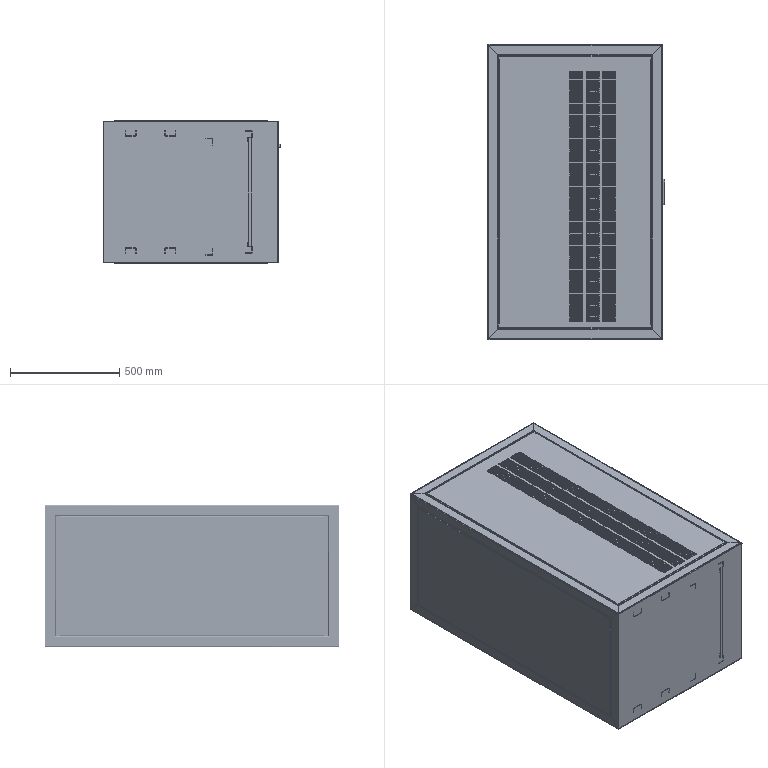Assembly | SolidWorks | mm | 39 component files | 39 solids | 4179 faces | box 814 x 1350 x 654 mm | volume 14968094 mm3 | plane 2169 | cylinder 1888 | spline 120 | torus 2 | commonest cylinder face diameters 5 x1380 8 x288 4 x90 6.4 x48 10 x28 6 x28 6.5 x12 7 x6
Bill of materials:
AuxiliaryPanel1 | 1 |  | Long thin-walled C-channel (lipped channel) profile with a flat web, two short flanges with rounded bends, and short inward-turned return lips; constant cross-section along its length.
AuxiliaryPanel2 | 1 |  | Long thin-walled lipped C-channel profile, similar to a sheet-formed channel, with flat web, rounded bends, short flanges and inward return lips; a single small round hole is visible near one end of a flange.
Beam1.1 | 1 |  | Straight angle profile (L-section) with two legs of roughly equal length joined by a rounded inside/outside bend; constant cross-section with plain square-cut ends.
Beam1.2 | 1 |  | Straight angle profile (L-section) with roughly equal legs and a radiused bend, shown with the corner facing the viewer; constant cross-section and plain ends.
Beam1.3 | 1 |  | Straight angle profile (L-section) with roughly equal legs and a radiused bend; plain ends, uniform cross-section.
Beam1.4 | 1 |  | Straight angle profile (L-section) with roughly equal legs and a radiused bend, corner facing the viewer; plain ends.
Beam1.5 | 1 |  | Straight angle profile (L-section) with roughly equal legs and a radiused bend, corner facing the viewer; plain ends.
Beam1.6 | 1 |  | Straight angle profile (L-section) with roughly equal legs and a radiused bend; plain ends, uniform cross-section.
BottomSupport | 3 |  | Long, thin rectangular flat bar or strip with small rounded or chamfered edges along its long sides; no holes or cut-outs visible.
FrontAndRearPlate1 | 1 |  | Thin sheet-formed Z-shaped (joggled) profile: two parallel offset flanges connected by a short web with rounded bends; the ends are cut at an angle so the outline narrows at the top and bottom.
FrontAndRearPlate2 | 1 |  | Thin sheet-formed Z-shaped (joggled) profile with angled cut ends, similar to unnamed part but mirrored in section; one small round hole near one end of a flange.
FrontAndRearPlate3 | 1 |  | Thin sheet-formed Z-shaped (joggled) profile with angled cut ends and one small round hole near one end of a flange; appears to be a mirrored or reoriented version of the other Z profiles.
FrontAndRearPlate4 | 1 |  | Elongated thin-walled strip with a joggled (Z-offset) cross-section: two parallel straight legs connected by a short perpendicular offset web with rounded bends; ends cut at an angle.
SupportChannelPlate | 4 |  | Long straight channel with a U-shaped (inverted U) open cross-section, rounded inside/outside corners, and square-cut ends.
SupportPlate1.1 | 1 |  | Long thin-walled profile with a multi-bend stepped cross-section (top lip, short horizontal return, tall web, bottom web, short upturned step, outward flange); ends mitered at an angle.
SupportPlate1.2 | 1 |  | Long thin-walled stepped multi-bend profile, apparently a mirrored or reoriented variant of the similar stepped section; ends mitered at an angle.
SupportPlate1.3 | 1 |  | Long thin-walled stepped multi-bend profile (outward flange, step up, top web, tall vertical web, inward return, downward lip) with ends mitered in the opposite sense, giving an inverted trapezoid in plan.
SupportPlate1 | 1 |  | Long thin-walled stepped multi-bend profile, mirror-like counterpart of the inverted-trapezoid variant, with angled (mitered) ends.
SupportPlate2.1 | 1 |  | Long straight thin-walled profile with an offset Z-like cross-section (vertical leg, horizontal offset, tall vertical web, horizontal bottom flange) with generous rounded bends and square-cut ends.
SupportPlate2.2 | 1 |  | Long straight thin-walled offset Z-like profile, apparently mirrored/rotated relative to the similar section, with rounded bends and square-cut ends.
SupportPlate3.1 | 1 |  | Long equal-or-near-equal leg angle (L-section) with a large inside bend radius and a single row of evenly spaced small round holes along one leg; square-cut ends.
SupportPlate3.2 | 1 |  | Long L-section angle with large rounded corner, a regular row of small holes along one leg, and a few additional sparse holes (single and paired) on the other leg; square-cut ends.
UpperAndLowerPlate(Lower) | 1 |  | Wide thin flat panel with a shallow C-shaped section: flat main web with short perpendicular flanges at both long edges, each ending in a small joggled/stepped return lip; ends mitered in plan.
UpperAndLowerPlate | 1 |  | Wide thin flat panel with short edge flanges at both long edges ending in small stepped/joggled lips facing the opposite side relative to the similar panel; ends mitered (trapezoidal in plan).
FanFixingPlate | 6 |  | Long, thin, flat rectangular bar with an elongated slot near each end and one round hole at the center.
FrontDoor | 1 |  | Thin rectangular plate with a small elongated raised boss or tab on one face near the middle of one long edge, and a small round feature at one edge corner in the side view.
LeftEndPlate | 1 |  | Large flat rectangular panel with three parallel columns of narrow slots (a vent pattern) set off-center, plus thin edge strips or lips along the long edges with small features at the corners.
RearDoor | 1 |  | Plain thin rectangular plate with narrow edge strips or lips along its two long edges and small notch-like features at the corners. It has no visible holes.
RightEndPlate | 1 |  | Large flat rectangular panel with three parallel columns of narrow slots (a vent pattern) set off-center, and small notch-like features at the corners of one edge.
Mates:
1. coincident | BoxWelding-1/SupportPlate3.2-1 face at (240.622, -44.499, 346.013) dir (0, 0, 1) | FanFixingPlate-1 face at (359.622, 55.501, 346.013) dir (0, 0, -1)
2. coincident | BoxWelding-1/SupportPlate3.2-1 axis at (254.622, 45.501, 344.013) dir (0, 0, 1) | FanFixingPlate-1 axis at (254.622, 45.501, 348.013) dir (0, 0, -1)
3. parallel | BoxWelding-1/UpperAndLowerPlate-1 face at (571.622, -44.499, -224.987) dir (0, 1, 0) | FanFixingPlate-1 face at (149.622, 35.501, 346.013) dir (0, -1, 0)
4. coincident | BoxWelding-1/SupportPlate3.2-1 face at (240.622, -44.499, 346.013) dir (0, 0, 1) | FanFixingPlate-2 face at (359.622, 243.501, 346.013) dir (0, 0, -1)
5. concentric | BoxWelding-1/SupportPlate3.2-1 face at (254.622, 233.501, 336.013) dir (0, 0, 1) r 3.2 | FanFixingPlate-2 face at (254.622, 233.501, 348.013) dir (0, 0, -1) r 3.25
6. concentric | BoxWelding-1/SupportPlate3.2-1 face at (254.622, 255.501, 336.013) dir (0, 0, 1) r 3.2 | FanFixingPlate-3 face at (254.622, 255.501, 348.013) dir (0, 0, -1) r 3.25
7. coincident | BoxWelding-1/SupportPlate3.2-1 face at (240.622, -44.499, 346.013) dir (0, 0, 1) | FanFixingPlate-3 face at (359.622, 265.501, 346.013) dir (0, 0, -1)
8. coincident | BoxWelding-1/SupportPlate3.2-1 face at (240.622, -44.499, 346.013) dir (0, 0, 1) | FanFixingPlate-4 face at (359.622, 455.501, 346.013) dir (0, 0, -1)
9. concentric | BoxWelding-1/SupportPlate3.2-1 face at (254.622, 445.501, 336.013) dir (0, 0, 1) r 3.2 | FanFixingPlate-4 face at (254.622, 445.501, 348.013) dir (0, 0, -1) r 3.25
10. coincident | BoxWelding-1/SupportPlate3.2-1 face at (240.622, -44.499, 346.013) dir (0, 0, 1) | FanFixingPlate-5 face at (359.622, 477.501, 346.013) dir (0, 0, -1)
11. concentric | BoxWelding-1/SupportPlate3.2-1 face at (254.622, 467.501, 336.013) dir (0, 0, 1) r 3.2 | FanFixingPlate-5 face at (254.622, 467.501, 348.013) dir (0, 0, -1) r 3.25
12. coincident | BoxWelding-1/SupportPlate3.2-1 face at (240.622, -44.499, 346.013) dir (0, 0, 1) | FanFixingPlate-6 face at (359.622, 667.501, 346.013) dir (0, 0, -1)
13. concentric | BoxWelding-1/SupportPlate3.2-1 face at (254.622, 657.501, 336.013) dir (0, 0, 1) r 3.2 | FanFixingPlate-6 face at (254.622, 657.501, 348.013) dir (0, 0, -1) r 3.25
14. parallel | BoxWelding-1/UpperAndLowerPlate-1 face at (571.622, -46.499, -224.987) dir (0, -1, 0) | FanFixingPlate-2 face at (149.622, 223.501, 346.013) dir (0, -1, 0)
15. parallel | BoxWelding-1/UpperAndLowerPlate-1 face at (571.622, -46.499, -224.987) dir (0, -1, 0) | FanFixingPlate-3 face at (149.622, 245.501, 346.013) dir (0, -1, 0)
16. parallel | BoxWelding-1/UpperAndLowerPlate-1 face at (571.622, -46.499, -224.987) dir (0, -1, 0) | FanFixingPlate-4 face at (149.622, 435.501, 346.013) dir (0, -1, 0)
17. parallel | BoxWelding-1/UpperAndLowerPlate-1 face at (571.622, -46.499, -224.987) dir (0, -1, 0) | FanFixingPlate-5 face at (149.622, 457.501, 346.013) dir (0, -1, 0)
18. parallel | BoxWelding-1/UpperAndLowerPlate-1 face at (571.622, -46.499, -224.987) dir (0, -1, 0) | FanFixingPlate-6 face at (149.622, 647.501, 346.013) dir (0, -1, 0)
19. concentric | BoxWelding-1/FrontAndRearPlate2-1 face at (561.622, -6.499, -164.987) dir (0, 1, 0) r 4 | FrontDoor-1 face at (561.622, 1253.506, -164.987) dir (0, -1, 0) r 4
20. coincident | BoxWelding-1/FrontAndRearPlate2-1 face at (569.622, 3.501, -224.987) dir (0, 1, 0) | FrontDoor-1 face at (571.622, 3.501, 372.513) dir (0, -1, 0)
21. coincident | BoxWelding-1/UpperAndLowerPlate-1 face at (571.622, 3.501, -206.987) dir (0, 0, -1) | LeftEndPlate-1 face at (521.622, 5.501, -206.987) dir (0, 0, 1)
22. coincident | BoxWelding-1/UpperAndLowerPlate-1 face at (-228.378, 3.501, -222.987) dir (0, 1, 0) | LeftEndPlate-1 face at (521.622, 3.501, -224.987) dir (0, -1, 0)
23. coincident | BoxWelding-1/SupportPlate1.2-1 face at (521.622, -44.499, -222.987) dir (-1, 0, 0) | LeftEndPlate-1 face at (521.622, 1233.501, -224.987) dir (1, 0, 0)
24. coincident | BoxWelding-1/UpperAndLowerPlate-1 face at (571.622, 3.501, 423.013) dir (0, 1, 0) | RightEndPlate-1 face at (-178.378, 3.501, 425.013) dir (0, -1, 0)
25. coincident | BoxWelding-1/SupportPlate1.3-1 face at (521.622, 1301.501, 423.013) dir (-1, 0, 0) | RightEndPlate-1 face at (521.622, 23.501, 425.013) dir (1, 0, 0)
26. coincident | BoxWelding-1/UpperAndLowerPlate-1 face at (-228.378, 3.501, 407.013) dir (0, 0, 1) | RightEndPlate-1 face at (-178.378, 5.501, 407.013) dir (0, 0, -1)
27. coincident | BoxWelding-1/FrontAndRearPlate1-1 face at (-226.378, 3.501, 425.013) dir (0, 1, 0) | RearDoor-2 face at (-228.378, 3.501, -174.987) dir (0, -1, 0)
28. coincident | BoxWelding-1/SupportPlate1-2 face at (-226.378, 1301.501, 375.013) dir (0, 0, -1) | RearDoor-2 face at (-228.378, 23.501, 375.013) dir (0, 0, 1)
29. coincident | BoxWelding-1/FrontAndRearPlate1-1 face at (-210.378, 3.501, -224.987) dir (-1, 0, 0) | RearDoor-2 face at (-210.378, 5.501, -174.987) dir (1, 0, 0)
30. coincident | BottomSupport-1 face at (579.856, 1348, -425.987) dir (1, 0, 0) | BottomSupport-2 face at (579.856, 1348, -685.987) dir (1, 0, 0)
31. distance | BottomSupport-2 face at (-140.144, 1348, -685.987) dir (0, 0, 1) | BottomSupport-1 face at (579.856, 1348, -525.987) dir (0, 0, -1)
32. coincident | BottomSupport-1 face at (579.856, 1348, -425.987) dir (1, 0, 0) | BottomSupport-3 face at (579.856, 1348, -165.987) dir (1, 0, 0)
33. distance | BottomSupport-3 face at (579.856, 1348, -265.987) dir (0, 0, -1) | BottomSupport-1 face at (-140.144, 1348, -425.987) dir (0, 0, 1)
34. coincident | UpperAndLowerPlate-1 face at (619.856, 2, -800.987) dir (0, 1, 0) | SupportPlate2.1-1 face at (482.856, 2, -720.987) dir (0, -1, 0)
35. coincident | UpperAndLowerPlate-1 face at (619.856, 2, -800.987) dir (0, 1, 0) | SupportPlate2.2-1 face at (494.856, 2, -200.987) dir (0, -1, 0)
36. coincident | SupportPlate2.1-1 face at (499.856, 2, -750.987) dir (1, 0, 0) | SupportPlate2.2-1 face at (499.856, 2, -200.987) dir (1, 0, 0)
37. distance | SupportPlate2.1-1 face at (468.856, 2, -755.987) dir (0, 0, -1) | BottomSupport-2 face at (579.856, 1348, -785.987) dir (0, 0, -1)
38. distance | SupportPlate2.2-1 face at (494.856, 2, -195.987) dir (0, 0, 1) | BottomSupport-3 face at (-140.144, 1348, -165.987) dir (0, 0, 1)
39. coincident | SupportPlate2.1-1 face at (479.856, 2, -720.987) dir (1, 0, 0) | AuxiliaryPanel1-1 face at (479.856, 4, -227.987) dir (-1, 0, 0)
40. coincident | UpperAndLowerPlate-1 face at (619.856, 2, -800.987) dir (0, 1, 0) | AuxiliaryPanel1-1 face at (497.856, 2, -227.987) dir (0, -1, 0)
41. coincident | SupportPlate2.1-1 face at (494.856, 2, -723.987) dir (0, 0, 1) | AuxiliaryPanel1-1 face at (497.856, 202, -723.987) dir (0, 0, -1)
42. coincident | SupportPlate2.1-1 face at (479.856, 2, -720.987) dir (1, 0, 0) | AuxiliaryPanel2-1 face at (479.856, 754, -227.987) dir (-1, 0, 0)
43. coincident | SupportPlate2.1-1 face at (494.856, 2, -723.987) dir (0, 0, 1) | AuxiliaryPanel2-1 face at (483.856, 756, -723.987) dir (0, 0, -1)
44. coincident | UpperAndLowerPlate-1 face at (619.856, 2, -800.987) dir (0, 1, 0) | SupportPlate3.1-1 face at (314.856, 2, -760.987) dir (0, -1, 0)
45. distance | SupportPlate3.1-1 face at (288.856, 2, -765.987) dir (0, 0, -1) | BottomSupport-2 face at (579.856, 1348, -785.987) dir (0, 0, -1)
46. coincident | UpperAndLowerPlate-1 face at (619.856, 2, -800.987) dir (0, 1, 0) | SupportPlate3.2-1 face at (314.856, 2, -234.987) dir (0, -1, 0)
47. coincident | SupportPlate3.1-1 face at (319.856, 2, -760.987) dir (1, 0, 0) | SupportPlate3.2-1 face at (319.856, 2, -234.987) dir (1, 0, 0)
48. distance | SupportPlate3.2-1 face at (288.856, 2, -229.987) dir (0, 0, 1) | BottomSupport-3 face at (-140.144, 1348, -165.987) dir (0, 0, 1)
49. coincident | UpperAndLowerPlate-1 face at (619.856, 2, -800.987) dir (0, 1, 0) | SupportChannelPlate-1 face at (-35.144, 2, -735.987) dir (0, -1, 0)
50. distance | SupportChannelPlate-1 face at (-30.144, 2, -755.987) dir (0, 0, -1) | BottomSupport-2 face at (579.856, 1348, -785.987) dir (0, 0, -1)
51. coincident | SupportChannelPlate-1 face at (-35.144, 2, -730.987) dir (0, 0, 1) | SupportChannelPlate-2 face at (144.856, 2, -730.987) dir (0, 0, 1)
52. coincident | UpperAndLowerPlate-1 face at (619.856, 2, -800.987) dir (0, 1, 0) | SupportChannelPlate-2 face at (144.856, 2, -735.987) dir (0, -1, 0)
53. distance | SupportChannelPlate-2 face at (99.856, 2, -755.987) dir (-1, 0, 0) | SupportChannelPlate-1 face at (-30.144, 2, -755.987) dir (1, 0, 0)
54. coincident | UpperAndLowerPlate-1 face at (619.856, 2, -800.987) dir (0, 1, 0) | SupportChannelPlate-3 face at (104.856, 2, -215.987) dir (0, -1, 0)
55. distance | SupportChannelPlate-3 face at (99.856, 2, -195.987) dir (0, 0, 1) | BottomSupport-3 face at (-140.144, 1348, -165.987) dir (0, 0, 1)
56. coincident | UpperAndLowerPlate-1 face at (619.856, 2, -800.987) dir (0, 1, 0) | SupportChannelPlate-4 face at (-75.144, 2, -215.987) dir (0, -1, 0)
57. coincident | UpperAndLowerPlate-1 face at (619.856, 2, -800.987) dir (0, 1, 0) | SupportChannelPlate-4 face at (-75.144, 2, -215.987) dir (0, -1, 0)
58. coincident | SupportChannelPlate-1 face at (-80.144, 2, -755.987) dir (-1, 0, 0) | SupportChannelPlate-4 face at (-80.144, 2, -195.987) dir (-1, 0, 0)
59. distance | SupportChannelPlate-4 face at (-32.144, 2, -195.987) dir (0, 0, 1) | BottomSupport-3 face at (-140.144, 1348, -165.987) dir (0, 0, 1)
60. distance | SupportChannelPlate-4 face at (-30.144, 2, -195.987) dir (1, 0, 0) | SupportChannelPlate-3 face at (99.856, 2, -195.987) dir (-1, 0, 0)
61. coincident | SupportChannelPlate-3 face at (104.856, 2, -220.987) dir (0, 0, -1) | Beam1.1-1 face at (111.356, 839.5, -220.987) dir (0, 0, 1)
62. distance | Beam1.1-1 face at (104.856, 873, -220.987) dir (-1, 0, 0) | SupportChannelPlate-3 face at (99.856, 2, -195.987) dir (-1, 0, 0)
63. coincident | Beam1.1-1 face at (111.356, 833, -220.987) dir (0, -1, 0) | Beam1.2-1 face at (-41.644, 833, -730.987) dir (0, -1, 0)
64. coincident | SupportChannelPlate-4 face at (-75.144, 2, -220.987) dir (0, 0, -1) | Beam1.2-1 face at (-41.644, 839.5, -220.987) dir (0, 0, 1)
65. distance | Beam1.2-1 face at (-75.144, 836, -730.987) dir (-1, 0, 0) | SupportChannelPlate-4 face at (-80.144, 2, -195.987) dir (-1, 0, 0)
66. coincident | SupportChannelPlate-3 face at (104.856, 2, -220.987) dir (0, 0, -1) | Beam1.3-1 face at (111.356, 574.5, -220.987) dir (0, 0, 1)
67. distance | Beam1.3-1 face at (104.856, 608, -220.987) dir (-1, 0, 0) | SupportChannelPlate-3 face at (99.856, 2, -195.987) dir (-1, 0, 0)
68. distance | Beam1.3-1 face at (111.356, 568, -220.987) dir (0, -1, 0) | Beam1.1-1 face at (111.356, 833, -220.987) dir (0, -1, 0)
69. coincident | Beam1.3-1 face at (111.356, 568, -220.987) dir (0, -1, 0) | Beam1.4-1 face at (-75.144, 568, -220.987) dir (0, -1, 0)
70. coincident | SupportChannelPlate-4 face at (-75.144, 2, -220.987) dir (0, 0, -1) | Beam1.4-1 face at (-41.644, 574.5, -220.987) dir (0, 0, 1)
71. distance | Beam1.4-1 face at (-75.144, 568, -220.987) dir (-1, 0, 0) | SupportChannelPlate-4 face at (-80.144, 2, -195.987) dir (-1, 0, 0)
72. distance | BottomSupport-2 face at (579.856, 1348, -685.987) dir (1, 0, 0) | FrontAndRearPlate3-1 face at (619.856, 1300, -800.987) dir (1, 0, 0)
73. coincident | BottomSupport-3 face at (579.856, 1348, -265.987) dir (0, 1, 0) | UpperAndLowerPlate(Lower)-1 face at (619.856, 1348, -150.987) dir (0, -1, 0)
74. coincident | BottomSupport-2 face at (-140.144, 1348, -685.987) dir (0, 1, 0) | UpperAndLowerPlate(Lower)-1 face at (619.856, 1348, -150.987) dir (0, -1, 0)
75. coincident | BottomSupport-1 face at (579.856, 1348, -525.987) dir (0, 1, 0) | UpperAndLowerPlate(Lower)-1 face at (619.856, 1348, -150.987) dir (0, -1, 0)
76. coincident | BottomSupport-1 plane at (219.856, 1334.5, -475.987) dir (0, 0, 1) | UpperAndLowerPlate(Lower)-1 plane at (219.856, 1349, -475.987) dir (0, 0, -1)
77. distance | SupportPlate2.1-1 face at (499.856, 2, -750.987) dir (1, 0, 0) | FrontAndRearPlate3-1 face at (619.856, 1300, -800.987) dir (1, 0, 0)
78. distance | SupportPlate3.2-1 face at (319.856, 2, -234.987) dir (1, 0, 0) | FrontAndRearPlate3-1 face at (619.856, 1300, -800.987) dir (1, 0, 0)
79. distance | Beam1.2-1 face at (-41.644, 833, -730.987) dir (0, -1, 0) | BottomSupport-1 face at (579.856, 1333, -425.987) dir (0, -1, 0)
80. coincident | UpperAndLowerPlate-1 face at (-180.144, 2, -800.987) dir (0, 0, -1) | SupportPlate1.1-1 face at (-180.144, 2, -800.987) dir (0, 0, -1)
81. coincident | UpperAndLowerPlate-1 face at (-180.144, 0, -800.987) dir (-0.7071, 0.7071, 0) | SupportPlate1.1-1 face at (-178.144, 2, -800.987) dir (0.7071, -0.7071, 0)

———

Please go through the data and copy each line containing the word "perpendicular".

[Response to the exercise]
FrontAndRearPlate4 | 1 |  | Elongated thin-walled strip with a joggled (Z-offset) cross-section: two parallel straight legs connected by a short perpendicular offset web with rounded bends; ends cut at an angle.
UpperAndLowerPlate(Lower) | 1 |  | Wide thin flat panel with a shallow C-shaped section: flat main web with short perpendicular flanges at both long edges, each ending in a small joggled/stepped return lip; ends mitered in plan.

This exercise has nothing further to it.